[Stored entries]
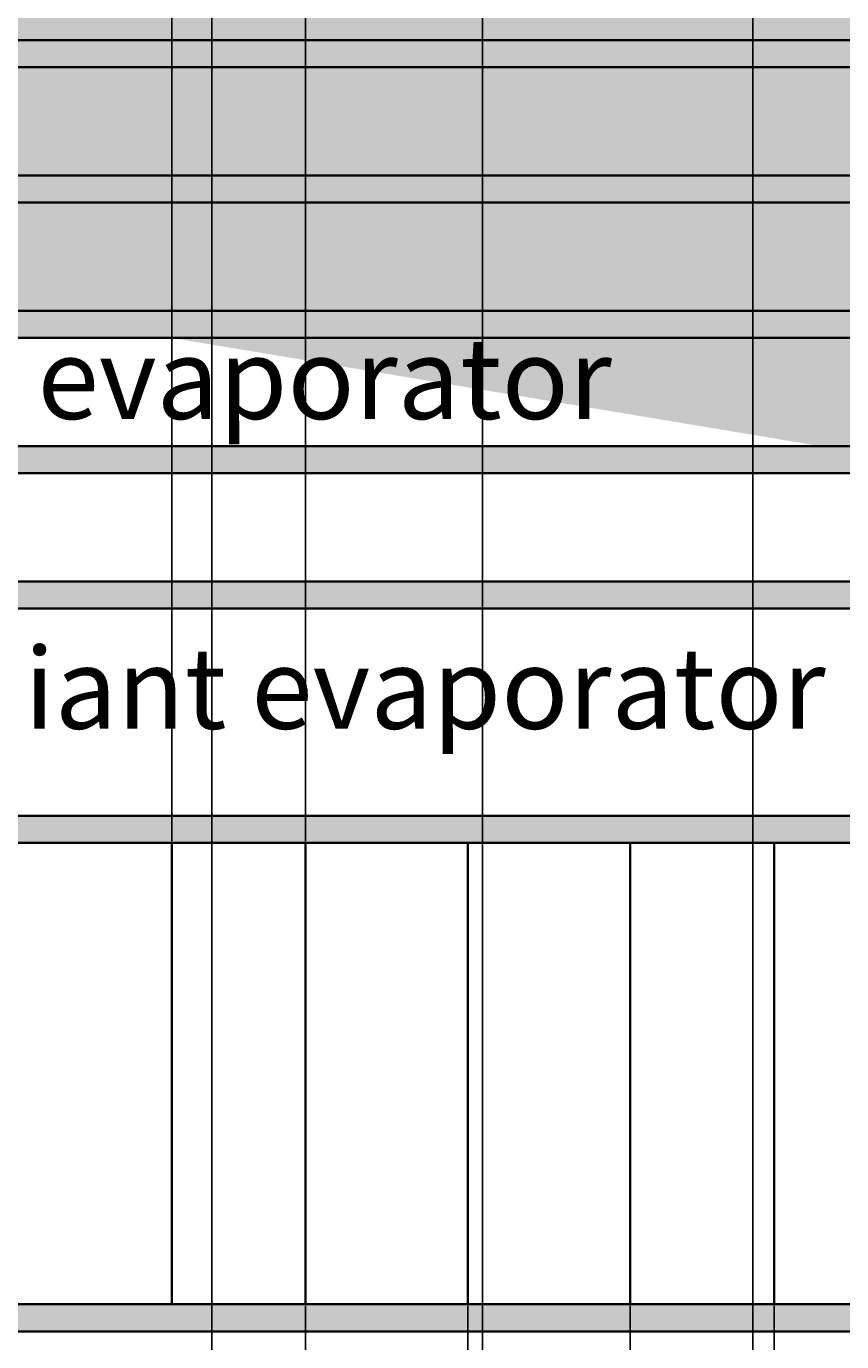
# Model space of a CAD drawing. Units: millimetres. Extents: x -22994 to 29398, y -19990 to 20176.
# Tile 34 of 135: x 139 to 169, y 30 to 78. Entities that reach past the tile are written whole.
import ezdxf

# ---------------------------------------------------------------- set-up
doc = ezdxf.new("R2010")
doc.units = ezdxf.units.MM
doc.header["$MEASUREMENT"] = 0
for name, color, linetype, lineweight in [('M-ANNO-TEXT', 7, 'Continuous', 25), ('M-DIMS', 2, 'Continuous', 18), ('M-EQPM-PATT', 7, 'Continuous', 18), ('M-PIPE', 7, 'Continuous', 35)]:
    doc.layers.add(name, color=color, linetype=linetype, lineweight=lineweight)
doc.styles.get("Standard").update_dxf_attribs({"font": 'arial.ttf'})
doc.dimstyles.get("Standard").update_dxf_attribs({"dimtxt": 0.18, "dimasz": 10000, "dimexe": 0.18, "dimexo": 0.0625, "dimgap": 0.09, "dimtad": 0, "dimtih": 1, "dimtoh": 1, "dimdec": 0, "dimzin": 0, "dimdsep": 46, "dimtxsty": 'Standard', "dimcen": 0.09, "dimadec": 0, "dimazin": 0, "dimtfac": 1, "dimtdec": 0, "dimtofl": 0, "dimtmove": 0, "dimatfit": 3, "dimfxl": 1, "dimtolj": 1, "dimtzin": 0, "dimlwd": 30, "dimarcsym": 0})

# ---------------------------------------------------------------- blocks, each defined once
blk = doc.blocks.new('*D2')
at = {"layer": 'Defpoints', "color": 0, "transparency": 16777216}
for p in [(6.677, 10.271), (290.852, 10.271), (290.852, -5.079)]:
    blk.add_point(p, dxfattribs=at)
at = {"layer": 'M-DIMS', "color": 0, "lineweight": -2, "transparency": 16777216}
for p, q in [((6.677, 10.209), (6.677, -5.259)), ((290.852, 10.209), (290.852, -5.259))]:
    blk.add_line(p, q, dxfattribs=at)
at = {"layer": 'M-DIMS', "color": 0, "lineweight": 30, "transparency": 16777216}
for p, q in [((-9993.323, -5.079), (-19993.323, -5.079)), ((10290.852, -5.079), (20290.852, -5.079))]:
    blk.add_line(p, q, dxfattribs=at)
at = {"layer": 'M-DIMS', "color": 0, "transparency": 16777216}
for points in [[(-9993.323, 1661.588), (-9993.323, -1671.745), (6.677, -5.079)], [(10290.852, 1661.588), (10290.852, -1671.745), (290.852, -5.079)]]:
    blk.add_solid(points, dxfattribs=at)
at = {"layer": 'M-DIMS', "color": 0, "transparency": 16777216, "insert": (148.765, -5.079), "char_height": 0.18, "attachment_point": 5}
blk.add_mtext('\\A1;284.2', dxfattribs=at)
blk = doc.blocks.new('*D3')
at = {"layer": 'Defpoints', "color": 0, "transparency": 16777216}
for p in [(110.265, 204.165), (110.265, 176.366), (95.833, 127.967)]:
    blk.add_point(p, dxfattribs=at)
at = {"layer": 'M-DIMS', "color": 0, "lineweight": 30, "transparency": 16777216}
for p, q in [((-9904.167, 204.165), (-19904.167, 204.165)), ((10110.265, 204.165), (20110.265, 204.165))]:
    blk.add_line(p, q, dxfattribs=at)
at = {"layer": 'M-DIMS', "color": 0, "lineweight": -2, "transparency": 16777216}
for p, q in [((95.833, 128.03), (95.833, 204.345)), ((110.265, 176.429), (110.265, 204.345))]:
    blk.add_line(p, q, dxfattribs=at)
at = {"layer": 'M-DIMS', "color": 0, "transparency": 16777216}
for points in [[(-9904.167, 1870.832), (-9904.167, -1462.501), (95.833, 204.165)], [(10110.265, 1870.832), (10110.265, -1462.501), (110.265, 204.165)]]:
    blk.add_solid(points, dxfattribs=at)
at = {"layer": 'M-DIMS', "color": 0, "transparency": 16777216, "insert": (103.049, 204.165), "char_height": 0.18, "attachment_point": 5}
blk.add_mtext('\\A1;14.432', dxfattribs=at)
blk = doc.blocks.new('*D4')
at = {"layer": 'Defpoints', "color": 0, "transparency": 16777216}
for p in [(116.265, 204.165), (110.265, 176.366), (116.265, 176.366)]:
    blk.add_point(p, dxfattribs=at)
at = {"layer": 'M-DIMS', "color": 0, "lineweight": 30, "transparency": 16777216}
for p, q in [((-9889.735, 204.165), (-19889.735, 204.165)), ((10116.265, 204.165), (20116.265, 204.165))]:
    blk.add_line(p, q, dxfattribs=at)
at = {"layer": 'M-DIMS', "color": 0, "lineweight": -2, "transparency": 16777216}
for p, q in [((110.265, 176.429), (110.265, 204.345)), ((116.265, 176.429), (116.265, 204.345))]:
    blk.add_line(p, q, dxfattribs=at)
at = {"layer": 'M-DIMS', "color": 0, "transparency": 16777216}
for points in [[(-9889.735, 1870.832), (-9889.735, -1462.501), (110.265, 204.165)], [(10116.265, 1870.832), (10116.265, -1462.501), (116.265, 204.165)]]:
    blk.add_solid(points, dxfattribs=at)
at = {"layer": 'M-DIMS', "color": 0, "transparency": 16777216, "insert": (113.265, 204.165), "char_height": 0.18, "attachment_point": 5}
blk.add_mtext('\\A1;6', dxfattribs=at)
blk = doc.blocks.new('*D5')
at = {"layer": 'Defpoints', "color": 0, "transparency": 16777216}
for p in [(181.265, 204.165), (116.265, 176.366), (181.265, 176.366)]:
    blk.add_point(p, dxfattribs=at)
at = {"layer": 'M-DIMS', "color": 0, "lineweight": 30, "transparency": 16777216}
for p, q in [((-9883.735, 204.165), (-19883.735, 204.165)), ((10181.265, 204.165), (20181.265, 204.165))]:
    blk.add_line(p, q, dxfattribs=at)
at = {"layer": 'M-DIMS', "color": 0, "lineweight": -2, "transparency": 16777216}
for p, q in [((116.265, 176.429), (116.265, 204.345)), ((181.265, 176.429), (181.265, 204.345))]:
    blk.add_line(p, q, dxfattribs=at)
at = {"layer": 'M-DIMS', "color": 0, "transparency": 16777216}
for points in [[(-9883.735, 1870.832), (-9883.735, -1462.501), (116.265, 204.165)], [(10181.265, 1870.832), (10181.265, -1462.501), (181.265, 204.165)]]:
    blk.add_solid(points, dxfattribs=at)
at = {"layer": 'M-DIMS', "color": 0, "transparency": 16777216, "insert": (148.765, 204.165), "char_height": 0.18, "attachment_point": 5}
blk.add_mtext('\\A1;65', dxfattribs=at)
blk = doc.blocks.new('*D6')
at = {"layer": 'Defpoints', "color": 0, "transparency": 16777216}
for p in [(187.265, 204.165), (181.265, 176.366), (187.265, 176.366)]:
    blk.add_point(p, dxfattribs=at)
at = {"layer": 'M-DIMS', "color": 0, "lineweight": 30, "transparency": 16777216}
for p, q in [((-9818.735, 204.165), (-19818.735, 204.165)), ((10187.265, 204.165), (20187.265, 204.165))]:
    blk.add_line(p, q, dxfattribs=at)
at = {"layer": 'M-DIMS', "color": 0, "lineweight": -2, "transparency": 16777216}
for p, q in [((181.265, 176.429), (181.265, 204.345)), ((187.265, 176.429), (187.265, 204.345))]:
    blk.add_line(p, q, dxfattribs=at)
at = {"layer": 'M-DIMS', "color": 0, "transparency": 16777216}
for points in [[(-9818.735, 1870.832), (-9818.735, -1462.501), (181.265, 204.165)], [(10187.265, 1870.832), (10187.265, -1462.501), (187.265, 204.165)]]:
    blk.add_solid(points, dxfattribs=at)
at = {"layer": 'M-DIMS', "color": 0, "transparency": 16777216, "insert": (184.265, 204.165), "char_height": 0.18, "attachment_point": 5}
blk.add_mtext('\\A1;6', dxfattribs=at)
blk = doc.blocks.new('*D7')
at = {"layer": 'Defpoints', "color": 0, "transparency": 16777216}
for p in [(201.697, 204.165), (187.265, 176.366), (201.697, 127.967)]:
    blk.add_point(p, dxfattribs=at)
at = {"layer": 'M-DIMS', "color": 0, "lineweight": 30, "transparency": 16777216}
for p, q in [((-9812.735, 204.165), (-19812.735, 204.165)), ((10201.697, 204.165), (20201.697, 204.165))]:
    blk.add_line(p, q, dxfattribs=at)
at = {"layer": 'M-DIMS', "color": 0, "lineweight": -2, "transparency": 16777216}
for p, q in [((187.265, 176.429), (187.265, 204.345)), ((201.697, 128.03), (201.697, 204.345))]:
    blk.add_line(p, q, dxfattribs=at)
at = {"layer": 'M-DIMS', "color": 0, "transparency": 16777216}
for points in [[(-9812.735, 1870.832), (-9812.735, -1462.501), (187.265, 204.165)], [(10201.697, 1870.832), (10201.697, -1462.501), (201.697, 204.165)]]:
    blk.add_solid(points, dxfattribs=at)
at = {"layer": 'M-DIMS', "color": 0, "transparency": 16777216, "insert": (194.481, 204.165), "char_height": 0.18, "attachment_point": 5}
blk.add_mtext('\\A1;14.432', dxfattribs=at)
blk = doc.blocks.new('*D8')
at = {"layer": 'Defpoints', "color": 0, "transparency": 16777216}
for p in [(227.648, 204.165), (227.648, 146.73), (201.697, 127.967)]:
    blk.add_point(p, dxfattribs=at)
at = {"layer": 'M-DIMS', "color": 0, "lineweight": 30, "transparency": 16777216}
for p, q in [((-9798.303, 204.165), (-19798.303, 204.165)), ((10227.648, 204.165), (20227.648, 204.165))]:
    blk.add_line(p, q, dxfattribs=at)
at = {"layer": 'M-DIMS', "color": 0, "lineweight": -2, "transparency": 16777216}
for p, q in [((201.697, 128.03), (201.697, 204.345)), ((227.648, 146.792), (227.648, 204.345))]:
    blk.add_line(p, q, dxfattribs=at)
at = {"layer": 'M-DIMS', "color": 0, "transparency": 16777216}
for points in [[(-9798.303, 1870.832), (-9798.303, -1462.501), (201.697, 204.165)], [(10227.648, 1870.832), (10227.648, -1462.501), (227.648, 204.165)]]:
    blk.add_solid(points, dxfattribs=at)
at = {"layer": 'M-DIMS', "color": 0, "transparency": 16777216, "insert": (214.673, 204.165), "char_height": 0.18, "attachment_point": 5}
blk.add_mtext('\\A1;25.95', dxfattribs=at)
blk = doc.blocks.new('*D9')
at = {"layer": 'Defpoints', "color": 0, "transparency": 16777216}
for p in [(187.265, 176.366), (306.202, 176.366), (290.852, 10.271)]:
    blk.add_point(p, dxfattribs=at)
at = {"layer": 'M-DIMS', "color": 0, "lineweight": 30, "transparency": 16777216}
for p, q in [((306.202, 10176.366), (306.202, 20176.366)), ((306.202, -9989.729), (306.202, -19989.729))]:
    blk.add_line(p, q, dxfattribs=at)
at = {"layer": 'M-DIMS', "color": 0, "lineweight": -2, "transparency": 16777216}
for p, q in [((187.327, 176.366), (306.382, 176.366)), ((290.915, 10.271), (306.382, 10.271))]:
    blk.add_line(p, q, dxfattribs=at)
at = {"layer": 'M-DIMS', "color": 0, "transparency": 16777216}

Exercise description —
Among the lines of the data above, count those containing the word "linetype" and report the total alone.

Answer area —
2